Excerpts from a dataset
- - -
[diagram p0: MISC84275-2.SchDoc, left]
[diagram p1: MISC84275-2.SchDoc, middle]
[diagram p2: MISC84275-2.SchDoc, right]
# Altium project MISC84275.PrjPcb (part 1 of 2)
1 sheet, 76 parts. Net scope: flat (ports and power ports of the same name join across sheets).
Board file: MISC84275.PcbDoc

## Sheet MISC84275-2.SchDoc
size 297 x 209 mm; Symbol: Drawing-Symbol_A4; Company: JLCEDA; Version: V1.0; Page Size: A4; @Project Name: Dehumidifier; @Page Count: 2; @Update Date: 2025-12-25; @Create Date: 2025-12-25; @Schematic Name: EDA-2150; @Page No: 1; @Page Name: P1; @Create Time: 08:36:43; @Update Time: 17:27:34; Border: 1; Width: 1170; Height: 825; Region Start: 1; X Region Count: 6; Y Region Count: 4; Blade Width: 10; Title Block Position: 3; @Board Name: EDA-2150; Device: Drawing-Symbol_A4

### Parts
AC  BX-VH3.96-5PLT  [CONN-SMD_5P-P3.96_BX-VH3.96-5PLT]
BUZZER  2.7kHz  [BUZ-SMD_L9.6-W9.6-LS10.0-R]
- - -
_REQUIRED WORK_.
All lines above that include the word "diagram" should be located and copied.

_ANSWER TO THE PROBLEM_.
[diagram p0: MISC84275-2.SchDoc, left]
[diagram p1: MISC84275-2.SchDoc, middle]
[diagram p2: MISC84275-2.SchDoc, right]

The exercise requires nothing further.